• HOW TO COMPLETE THIS TASK: Which lines in the data below contain the word "spatial"? Return each of them.

• LISTED RECORDS:
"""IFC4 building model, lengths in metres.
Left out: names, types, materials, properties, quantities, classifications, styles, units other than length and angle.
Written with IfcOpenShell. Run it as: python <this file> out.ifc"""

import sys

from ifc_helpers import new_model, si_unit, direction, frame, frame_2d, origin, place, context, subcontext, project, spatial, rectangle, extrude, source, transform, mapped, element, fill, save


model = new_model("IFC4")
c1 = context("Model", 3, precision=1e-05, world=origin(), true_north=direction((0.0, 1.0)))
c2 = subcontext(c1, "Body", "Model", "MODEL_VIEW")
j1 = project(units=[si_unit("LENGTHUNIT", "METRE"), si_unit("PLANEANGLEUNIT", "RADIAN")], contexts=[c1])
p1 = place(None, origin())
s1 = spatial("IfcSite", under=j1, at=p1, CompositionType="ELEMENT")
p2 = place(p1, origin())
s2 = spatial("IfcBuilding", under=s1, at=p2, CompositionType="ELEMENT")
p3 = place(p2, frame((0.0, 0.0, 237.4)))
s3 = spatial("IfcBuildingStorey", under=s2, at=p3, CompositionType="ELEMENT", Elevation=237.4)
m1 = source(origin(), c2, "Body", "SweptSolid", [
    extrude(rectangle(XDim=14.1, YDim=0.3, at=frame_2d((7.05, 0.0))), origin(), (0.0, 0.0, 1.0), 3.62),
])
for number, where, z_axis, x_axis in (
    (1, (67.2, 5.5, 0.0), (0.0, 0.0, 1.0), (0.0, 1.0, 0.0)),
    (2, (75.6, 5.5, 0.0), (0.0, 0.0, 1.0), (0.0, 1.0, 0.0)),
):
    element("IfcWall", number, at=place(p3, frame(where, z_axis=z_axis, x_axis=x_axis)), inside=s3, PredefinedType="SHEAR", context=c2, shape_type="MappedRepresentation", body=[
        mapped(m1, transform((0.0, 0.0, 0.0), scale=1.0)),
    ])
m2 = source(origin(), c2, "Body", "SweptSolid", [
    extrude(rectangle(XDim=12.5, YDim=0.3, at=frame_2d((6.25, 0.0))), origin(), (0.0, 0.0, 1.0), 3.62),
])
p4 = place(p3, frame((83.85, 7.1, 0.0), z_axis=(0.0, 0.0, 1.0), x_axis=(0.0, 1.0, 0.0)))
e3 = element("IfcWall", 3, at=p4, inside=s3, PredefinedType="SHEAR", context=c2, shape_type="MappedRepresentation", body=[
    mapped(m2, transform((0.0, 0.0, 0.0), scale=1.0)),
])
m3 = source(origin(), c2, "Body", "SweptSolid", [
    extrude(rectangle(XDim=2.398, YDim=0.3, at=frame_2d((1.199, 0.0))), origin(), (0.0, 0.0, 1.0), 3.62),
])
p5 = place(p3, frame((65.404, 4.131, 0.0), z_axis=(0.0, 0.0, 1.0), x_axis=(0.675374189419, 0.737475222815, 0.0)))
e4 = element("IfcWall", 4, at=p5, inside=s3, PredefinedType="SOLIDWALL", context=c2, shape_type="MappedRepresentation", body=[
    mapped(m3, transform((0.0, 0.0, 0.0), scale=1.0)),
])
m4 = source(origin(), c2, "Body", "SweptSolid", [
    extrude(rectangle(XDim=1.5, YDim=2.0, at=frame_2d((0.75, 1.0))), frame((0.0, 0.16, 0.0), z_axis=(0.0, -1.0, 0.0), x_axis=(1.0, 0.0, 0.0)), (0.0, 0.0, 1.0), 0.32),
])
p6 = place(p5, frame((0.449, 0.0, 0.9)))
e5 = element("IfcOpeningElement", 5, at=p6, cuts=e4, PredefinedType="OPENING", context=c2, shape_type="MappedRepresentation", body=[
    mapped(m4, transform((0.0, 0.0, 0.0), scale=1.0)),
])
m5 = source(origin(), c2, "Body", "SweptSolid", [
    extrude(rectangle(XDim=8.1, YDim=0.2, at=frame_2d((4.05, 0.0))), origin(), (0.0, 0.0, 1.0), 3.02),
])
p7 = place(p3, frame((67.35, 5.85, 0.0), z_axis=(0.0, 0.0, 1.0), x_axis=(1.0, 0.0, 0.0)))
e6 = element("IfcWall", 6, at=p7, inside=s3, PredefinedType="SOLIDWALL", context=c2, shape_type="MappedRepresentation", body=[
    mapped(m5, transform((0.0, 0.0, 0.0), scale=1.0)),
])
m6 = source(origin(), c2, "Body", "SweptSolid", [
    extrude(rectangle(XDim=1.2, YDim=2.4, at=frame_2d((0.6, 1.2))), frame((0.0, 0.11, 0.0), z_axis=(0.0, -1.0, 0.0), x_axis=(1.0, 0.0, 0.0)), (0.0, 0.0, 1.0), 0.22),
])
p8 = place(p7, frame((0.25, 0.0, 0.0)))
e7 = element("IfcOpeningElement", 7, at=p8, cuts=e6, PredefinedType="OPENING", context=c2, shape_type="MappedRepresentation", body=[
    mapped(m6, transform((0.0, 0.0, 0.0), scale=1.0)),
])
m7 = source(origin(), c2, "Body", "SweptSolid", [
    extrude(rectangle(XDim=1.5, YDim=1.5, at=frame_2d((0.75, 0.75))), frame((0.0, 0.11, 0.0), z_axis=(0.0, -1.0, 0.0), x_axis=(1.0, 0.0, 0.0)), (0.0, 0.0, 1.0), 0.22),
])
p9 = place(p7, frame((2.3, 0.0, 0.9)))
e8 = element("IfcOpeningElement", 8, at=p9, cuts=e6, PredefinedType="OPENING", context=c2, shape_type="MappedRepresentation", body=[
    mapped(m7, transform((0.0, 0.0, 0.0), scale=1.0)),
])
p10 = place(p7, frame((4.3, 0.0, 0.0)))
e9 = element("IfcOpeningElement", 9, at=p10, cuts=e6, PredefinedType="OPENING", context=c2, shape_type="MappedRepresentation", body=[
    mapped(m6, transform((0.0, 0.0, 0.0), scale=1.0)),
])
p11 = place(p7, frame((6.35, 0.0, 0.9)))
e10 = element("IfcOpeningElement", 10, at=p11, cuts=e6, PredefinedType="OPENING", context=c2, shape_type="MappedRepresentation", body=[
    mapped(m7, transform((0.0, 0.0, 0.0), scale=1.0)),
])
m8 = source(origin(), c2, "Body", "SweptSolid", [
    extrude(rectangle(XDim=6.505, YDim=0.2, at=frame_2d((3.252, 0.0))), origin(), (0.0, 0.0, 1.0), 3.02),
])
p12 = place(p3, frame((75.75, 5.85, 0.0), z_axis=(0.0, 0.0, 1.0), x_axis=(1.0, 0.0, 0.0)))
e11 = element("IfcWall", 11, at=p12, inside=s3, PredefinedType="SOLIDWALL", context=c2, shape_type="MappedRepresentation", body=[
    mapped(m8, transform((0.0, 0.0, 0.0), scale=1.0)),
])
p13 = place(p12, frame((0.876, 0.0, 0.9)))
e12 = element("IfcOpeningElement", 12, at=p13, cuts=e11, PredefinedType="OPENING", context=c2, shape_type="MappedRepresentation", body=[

• SOLUTION:
from ifc_helpers import new_model, si_unit, direction, frame, frame_2d, origin, place, context, subcontext, project, spatial, rectangle, extrude, source, transform, mapped, element, fill, save
s1 = spatial("IfcSite", under=j1, at=p1, CompositionType="ELEMENT")
s2 = spatial("IfcBuilding", under=s1, at=p2, CompositionType="ELEMENT")
s3 = spatial("IfcBuildingStorey", under=s2, at=p3, CompositionType="ELEMENT", Elevation=237.4)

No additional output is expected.